---------- PROVIDED MATERIAL
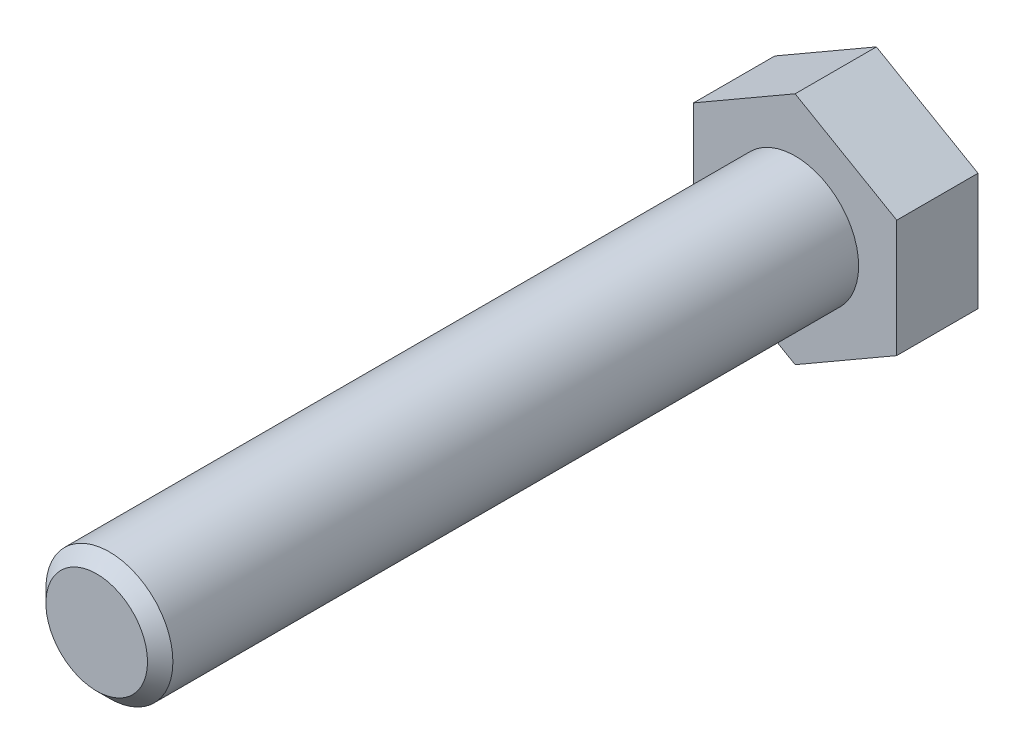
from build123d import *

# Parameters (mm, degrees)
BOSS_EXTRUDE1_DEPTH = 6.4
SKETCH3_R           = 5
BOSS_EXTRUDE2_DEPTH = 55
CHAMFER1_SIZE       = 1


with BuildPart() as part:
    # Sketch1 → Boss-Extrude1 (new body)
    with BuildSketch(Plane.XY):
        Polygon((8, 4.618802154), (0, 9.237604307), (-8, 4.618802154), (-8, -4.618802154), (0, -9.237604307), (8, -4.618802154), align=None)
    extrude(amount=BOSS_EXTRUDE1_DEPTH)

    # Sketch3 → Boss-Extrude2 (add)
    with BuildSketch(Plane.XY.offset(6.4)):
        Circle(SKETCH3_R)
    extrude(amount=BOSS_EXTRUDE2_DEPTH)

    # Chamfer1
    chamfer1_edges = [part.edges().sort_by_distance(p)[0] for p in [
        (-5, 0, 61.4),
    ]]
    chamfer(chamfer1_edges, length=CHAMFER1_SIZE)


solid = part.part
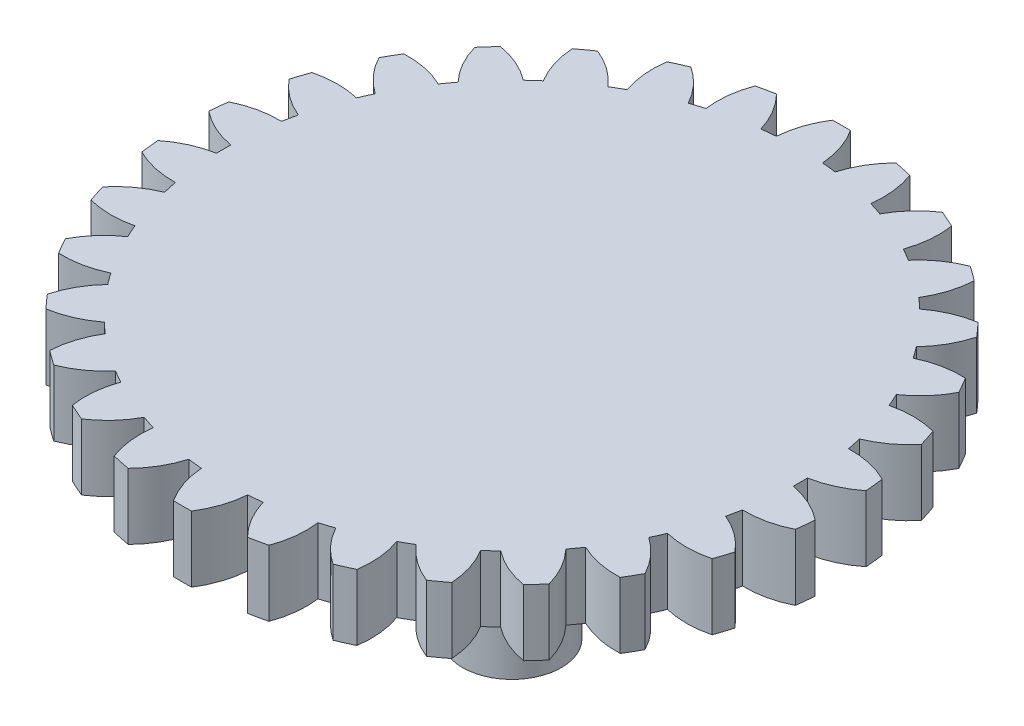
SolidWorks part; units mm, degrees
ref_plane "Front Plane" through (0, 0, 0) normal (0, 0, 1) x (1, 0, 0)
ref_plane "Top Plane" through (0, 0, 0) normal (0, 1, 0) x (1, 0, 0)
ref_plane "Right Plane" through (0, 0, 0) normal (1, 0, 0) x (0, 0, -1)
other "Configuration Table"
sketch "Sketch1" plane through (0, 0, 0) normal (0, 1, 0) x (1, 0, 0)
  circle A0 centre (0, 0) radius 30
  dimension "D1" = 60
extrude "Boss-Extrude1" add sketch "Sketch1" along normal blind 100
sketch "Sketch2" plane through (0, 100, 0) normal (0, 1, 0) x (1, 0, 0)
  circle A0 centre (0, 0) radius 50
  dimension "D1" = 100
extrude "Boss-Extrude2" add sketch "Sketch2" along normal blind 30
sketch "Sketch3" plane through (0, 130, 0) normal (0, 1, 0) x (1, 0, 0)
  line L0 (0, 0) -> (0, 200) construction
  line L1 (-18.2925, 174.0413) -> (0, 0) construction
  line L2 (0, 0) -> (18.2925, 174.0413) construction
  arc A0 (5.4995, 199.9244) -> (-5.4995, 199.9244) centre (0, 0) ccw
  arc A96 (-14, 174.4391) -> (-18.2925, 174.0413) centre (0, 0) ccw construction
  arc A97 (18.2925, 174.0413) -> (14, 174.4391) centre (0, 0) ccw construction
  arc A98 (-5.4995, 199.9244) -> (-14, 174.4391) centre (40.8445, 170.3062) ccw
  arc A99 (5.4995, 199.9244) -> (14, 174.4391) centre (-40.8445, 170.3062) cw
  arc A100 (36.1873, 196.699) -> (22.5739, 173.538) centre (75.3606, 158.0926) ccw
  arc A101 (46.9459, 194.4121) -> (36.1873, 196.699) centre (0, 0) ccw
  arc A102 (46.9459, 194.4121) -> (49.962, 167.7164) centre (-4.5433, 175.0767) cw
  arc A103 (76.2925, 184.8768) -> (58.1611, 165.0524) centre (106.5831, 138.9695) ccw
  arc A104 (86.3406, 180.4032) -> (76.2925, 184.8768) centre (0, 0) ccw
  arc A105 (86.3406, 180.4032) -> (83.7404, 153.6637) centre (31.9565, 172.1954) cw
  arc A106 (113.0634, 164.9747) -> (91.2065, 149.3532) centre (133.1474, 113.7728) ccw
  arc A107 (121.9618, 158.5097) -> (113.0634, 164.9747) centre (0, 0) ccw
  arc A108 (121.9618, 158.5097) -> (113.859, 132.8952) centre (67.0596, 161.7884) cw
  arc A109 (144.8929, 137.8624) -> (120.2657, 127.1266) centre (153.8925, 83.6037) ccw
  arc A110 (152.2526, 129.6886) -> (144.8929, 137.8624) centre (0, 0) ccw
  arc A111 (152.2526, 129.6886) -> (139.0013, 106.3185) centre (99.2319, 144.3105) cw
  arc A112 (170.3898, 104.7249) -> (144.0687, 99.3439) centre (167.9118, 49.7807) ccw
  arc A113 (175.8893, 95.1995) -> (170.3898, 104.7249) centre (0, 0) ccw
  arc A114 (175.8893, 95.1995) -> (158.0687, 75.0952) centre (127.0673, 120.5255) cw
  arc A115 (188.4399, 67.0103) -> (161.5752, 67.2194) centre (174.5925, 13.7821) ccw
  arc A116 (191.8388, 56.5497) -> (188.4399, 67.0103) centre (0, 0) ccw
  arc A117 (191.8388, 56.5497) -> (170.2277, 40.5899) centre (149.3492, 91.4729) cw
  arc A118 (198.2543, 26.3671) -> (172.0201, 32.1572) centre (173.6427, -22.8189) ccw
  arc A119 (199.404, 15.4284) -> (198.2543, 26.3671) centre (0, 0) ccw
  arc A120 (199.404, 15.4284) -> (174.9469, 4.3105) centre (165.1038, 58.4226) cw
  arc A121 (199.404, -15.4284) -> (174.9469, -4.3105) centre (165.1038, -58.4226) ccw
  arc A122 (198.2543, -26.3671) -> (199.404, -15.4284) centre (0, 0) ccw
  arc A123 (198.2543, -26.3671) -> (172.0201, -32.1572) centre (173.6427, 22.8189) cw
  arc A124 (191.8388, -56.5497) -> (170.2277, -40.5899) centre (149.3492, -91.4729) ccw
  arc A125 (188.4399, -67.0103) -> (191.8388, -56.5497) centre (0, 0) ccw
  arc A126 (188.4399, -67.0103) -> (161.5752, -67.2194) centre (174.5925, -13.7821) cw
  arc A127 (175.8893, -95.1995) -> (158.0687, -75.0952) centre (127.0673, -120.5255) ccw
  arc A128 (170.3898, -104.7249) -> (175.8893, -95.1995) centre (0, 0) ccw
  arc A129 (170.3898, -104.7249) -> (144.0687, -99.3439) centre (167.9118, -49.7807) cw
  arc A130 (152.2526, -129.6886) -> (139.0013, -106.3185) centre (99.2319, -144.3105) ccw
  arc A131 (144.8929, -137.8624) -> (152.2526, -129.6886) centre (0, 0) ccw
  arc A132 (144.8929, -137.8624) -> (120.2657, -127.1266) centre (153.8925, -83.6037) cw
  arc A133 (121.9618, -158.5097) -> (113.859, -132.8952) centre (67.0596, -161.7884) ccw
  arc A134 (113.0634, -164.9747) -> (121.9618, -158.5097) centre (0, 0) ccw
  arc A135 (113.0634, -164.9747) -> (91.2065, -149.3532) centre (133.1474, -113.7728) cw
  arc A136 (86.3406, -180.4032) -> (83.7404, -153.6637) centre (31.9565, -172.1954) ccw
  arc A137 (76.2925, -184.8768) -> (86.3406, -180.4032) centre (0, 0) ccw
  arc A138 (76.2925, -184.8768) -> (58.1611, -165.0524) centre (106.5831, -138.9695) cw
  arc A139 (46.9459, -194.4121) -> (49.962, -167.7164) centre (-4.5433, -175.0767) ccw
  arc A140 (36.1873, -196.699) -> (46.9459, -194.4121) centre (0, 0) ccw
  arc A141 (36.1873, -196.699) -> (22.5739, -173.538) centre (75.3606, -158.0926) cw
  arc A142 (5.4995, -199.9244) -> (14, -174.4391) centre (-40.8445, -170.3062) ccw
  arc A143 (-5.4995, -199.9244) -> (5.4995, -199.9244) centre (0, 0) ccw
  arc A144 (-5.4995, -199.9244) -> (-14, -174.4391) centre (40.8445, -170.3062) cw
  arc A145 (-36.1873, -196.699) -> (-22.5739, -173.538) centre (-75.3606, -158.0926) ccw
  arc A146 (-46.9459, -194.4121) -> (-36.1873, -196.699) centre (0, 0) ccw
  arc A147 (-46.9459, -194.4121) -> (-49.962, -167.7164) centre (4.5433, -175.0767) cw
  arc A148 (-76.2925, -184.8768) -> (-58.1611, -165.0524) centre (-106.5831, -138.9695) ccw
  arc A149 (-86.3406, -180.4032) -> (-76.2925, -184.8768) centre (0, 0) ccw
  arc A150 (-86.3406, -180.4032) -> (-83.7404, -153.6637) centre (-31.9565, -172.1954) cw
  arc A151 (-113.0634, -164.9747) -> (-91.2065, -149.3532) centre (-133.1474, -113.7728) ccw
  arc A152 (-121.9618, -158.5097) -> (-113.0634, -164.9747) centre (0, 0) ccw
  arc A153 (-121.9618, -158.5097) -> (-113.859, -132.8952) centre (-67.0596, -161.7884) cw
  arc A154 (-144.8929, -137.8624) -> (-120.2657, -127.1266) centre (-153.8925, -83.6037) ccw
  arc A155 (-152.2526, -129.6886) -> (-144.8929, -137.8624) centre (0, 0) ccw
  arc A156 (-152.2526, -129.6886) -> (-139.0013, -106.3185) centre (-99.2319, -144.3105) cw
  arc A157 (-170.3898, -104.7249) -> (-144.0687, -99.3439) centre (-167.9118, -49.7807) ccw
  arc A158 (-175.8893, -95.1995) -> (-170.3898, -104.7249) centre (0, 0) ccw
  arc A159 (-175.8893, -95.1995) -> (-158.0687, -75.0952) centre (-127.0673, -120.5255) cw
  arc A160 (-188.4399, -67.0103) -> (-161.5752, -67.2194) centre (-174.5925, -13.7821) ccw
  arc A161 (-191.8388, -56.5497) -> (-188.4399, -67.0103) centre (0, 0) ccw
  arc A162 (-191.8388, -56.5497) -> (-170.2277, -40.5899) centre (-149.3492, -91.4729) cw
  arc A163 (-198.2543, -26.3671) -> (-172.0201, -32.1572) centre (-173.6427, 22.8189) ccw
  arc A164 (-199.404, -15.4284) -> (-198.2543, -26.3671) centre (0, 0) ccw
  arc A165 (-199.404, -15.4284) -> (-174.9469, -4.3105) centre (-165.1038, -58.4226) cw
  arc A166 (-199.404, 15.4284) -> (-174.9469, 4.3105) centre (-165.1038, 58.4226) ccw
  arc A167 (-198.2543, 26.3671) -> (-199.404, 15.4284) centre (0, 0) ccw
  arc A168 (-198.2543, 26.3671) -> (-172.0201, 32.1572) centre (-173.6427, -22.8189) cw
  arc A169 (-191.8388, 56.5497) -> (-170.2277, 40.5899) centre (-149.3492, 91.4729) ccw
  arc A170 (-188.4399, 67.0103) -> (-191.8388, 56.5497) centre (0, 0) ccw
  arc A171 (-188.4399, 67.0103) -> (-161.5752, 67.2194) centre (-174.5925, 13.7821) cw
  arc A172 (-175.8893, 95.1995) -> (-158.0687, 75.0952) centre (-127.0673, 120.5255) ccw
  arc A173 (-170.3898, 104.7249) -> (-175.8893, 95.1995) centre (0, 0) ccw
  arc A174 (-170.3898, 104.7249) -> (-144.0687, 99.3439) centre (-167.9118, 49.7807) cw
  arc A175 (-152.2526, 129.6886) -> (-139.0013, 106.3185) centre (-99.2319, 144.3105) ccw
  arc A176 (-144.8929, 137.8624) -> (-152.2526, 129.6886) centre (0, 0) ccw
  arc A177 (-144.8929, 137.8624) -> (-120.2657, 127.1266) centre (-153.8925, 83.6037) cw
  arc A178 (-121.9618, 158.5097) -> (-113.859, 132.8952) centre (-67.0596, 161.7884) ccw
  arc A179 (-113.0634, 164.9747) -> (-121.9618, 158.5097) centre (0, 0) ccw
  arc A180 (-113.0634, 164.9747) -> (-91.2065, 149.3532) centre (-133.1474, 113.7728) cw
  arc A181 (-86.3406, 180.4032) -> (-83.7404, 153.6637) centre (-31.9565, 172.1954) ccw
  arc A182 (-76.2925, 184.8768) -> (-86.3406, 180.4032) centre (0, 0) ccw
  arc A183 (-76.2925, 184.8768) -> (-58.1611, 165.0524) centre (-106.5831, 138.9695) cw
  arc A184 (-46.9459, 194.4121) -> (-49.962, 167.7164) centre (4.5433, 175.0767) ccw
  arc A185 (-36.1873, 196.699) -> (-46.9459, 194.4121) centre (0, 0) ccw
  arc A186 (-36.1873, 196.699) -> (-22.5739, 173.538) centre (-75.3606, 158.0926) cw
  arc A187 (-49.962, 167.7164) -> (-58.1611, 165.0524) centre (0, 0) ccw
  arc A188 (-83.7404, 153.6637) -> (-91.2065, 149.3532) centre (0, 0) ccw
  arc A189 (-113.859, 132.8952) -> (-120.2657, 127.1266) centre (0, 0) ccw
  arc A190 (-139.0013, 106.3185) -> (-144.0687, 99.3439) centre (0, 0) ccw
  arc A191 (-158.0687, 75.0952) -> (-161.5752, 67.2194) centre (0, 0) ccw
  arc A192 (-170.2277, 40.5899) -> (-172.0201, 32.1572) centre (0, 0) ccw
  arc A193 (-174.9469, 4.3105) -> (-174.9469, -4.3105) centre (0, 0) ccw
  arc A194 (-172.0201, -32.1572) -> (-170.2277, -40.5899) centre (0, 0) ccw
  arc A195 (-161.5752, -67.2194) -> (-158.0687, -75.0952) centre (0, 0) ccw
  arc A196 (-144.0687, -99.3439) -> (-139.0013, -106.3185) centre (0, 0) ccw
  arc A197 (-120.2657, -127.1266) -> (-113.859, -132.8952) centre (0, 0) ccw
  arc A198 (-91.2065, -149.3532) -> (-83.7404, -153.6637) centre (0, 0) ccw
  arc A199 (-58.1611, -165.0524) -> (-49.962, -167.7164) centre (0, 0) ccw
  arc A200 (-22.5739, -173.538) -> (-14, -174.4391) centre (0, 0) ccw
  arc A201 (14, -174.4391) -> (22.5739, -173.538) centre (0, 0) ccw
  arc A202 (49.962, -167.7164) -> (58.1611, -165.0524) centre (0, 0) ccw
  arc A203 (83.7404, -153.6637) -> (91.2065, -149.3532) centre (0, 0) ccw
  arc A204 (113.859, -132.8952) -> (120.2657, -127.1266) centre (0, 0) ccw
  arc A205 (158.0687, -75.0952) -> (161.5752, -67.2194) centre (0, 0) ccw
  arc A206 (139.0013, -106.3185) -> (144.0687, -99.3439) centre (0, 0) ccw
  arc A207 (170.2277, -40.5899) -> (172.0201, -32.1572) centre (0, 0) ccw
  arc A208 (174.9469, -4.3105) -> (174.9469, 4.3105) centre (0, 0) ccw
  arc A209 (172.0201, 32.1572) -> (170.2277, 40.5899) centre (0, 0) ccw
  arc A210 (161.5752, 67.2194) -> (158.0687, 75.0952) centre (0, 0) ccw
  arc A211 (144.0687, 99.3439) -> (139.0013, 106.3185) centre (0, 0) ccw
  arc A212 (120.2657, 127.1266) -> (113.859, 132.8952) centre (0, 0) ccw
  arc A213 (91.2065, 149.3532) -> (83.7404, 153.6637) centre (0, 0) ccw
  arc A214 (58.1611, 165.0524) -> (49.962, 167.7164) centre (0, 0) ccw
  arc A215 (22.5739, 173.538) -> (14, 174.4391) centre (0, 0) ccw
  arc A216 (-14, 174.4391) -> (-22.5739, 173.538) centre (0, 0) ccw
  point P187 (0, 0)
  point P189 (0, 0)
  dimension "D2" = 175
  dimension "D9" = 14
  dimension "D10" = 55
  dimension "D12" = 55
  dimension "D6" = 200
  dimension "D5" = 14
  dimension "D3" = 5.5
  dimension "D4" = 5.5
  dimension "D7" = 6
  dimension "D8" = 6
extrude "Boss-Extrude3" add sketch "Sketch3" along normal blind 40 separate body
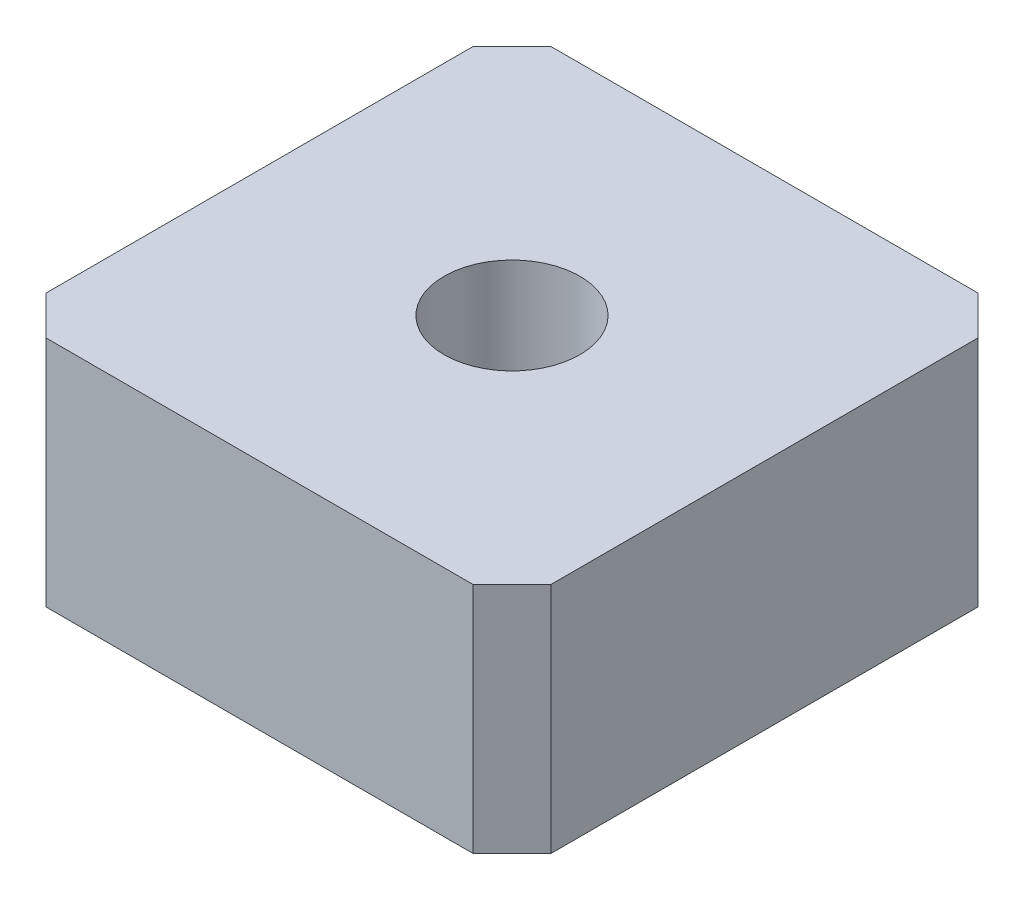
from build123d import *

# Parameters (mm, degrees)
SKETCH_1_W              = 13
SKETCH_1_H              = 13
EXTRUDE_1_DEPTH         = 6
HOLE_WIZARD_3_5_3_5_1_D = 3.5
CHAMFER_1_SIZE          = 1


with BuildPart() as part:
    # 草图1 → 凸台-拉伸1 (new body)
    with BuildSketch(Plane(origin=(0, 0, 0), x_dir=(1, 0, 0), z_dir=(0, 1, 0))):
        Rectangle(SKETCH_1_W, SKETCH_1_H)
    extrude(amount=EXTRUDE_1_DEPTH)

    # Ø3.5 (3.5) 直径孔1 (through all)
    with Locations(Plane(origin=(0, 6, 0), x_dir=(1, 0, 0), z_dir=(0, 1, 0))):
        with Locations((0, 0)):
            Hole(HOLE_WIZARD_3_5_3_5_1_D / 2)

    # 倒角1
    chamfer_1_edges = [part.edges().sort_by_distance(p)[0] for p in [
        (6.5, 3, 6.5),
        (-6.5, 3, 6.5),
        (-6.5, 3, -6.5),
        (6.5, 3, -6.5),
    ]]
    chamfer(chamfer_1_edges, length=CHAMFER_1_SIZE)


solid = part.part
--------------------
▶ [WHAT YOU NEED TO DO] Looking at the data above, write out exactly the lines that start at the one containing "arc A188 (-83.7404, 153.6637)" and end at the one containing "arc A190 (-139.0013, 106.3185)"; include both and nothing beyond.

▶ [TASK ANSWER]
  arc A188 (-83.7404, 153.6637) -> (-91.2065, 149.3532) centre (0, 0) ccw
  arc A189 (-113.859, 132.8952) -> (-120.2657, 127.1266) centre (0, 0) ccw
  arc A190 (-139.0013, 106.3185) -> (-144.0687, 99.3439) centre (0, 0) ccw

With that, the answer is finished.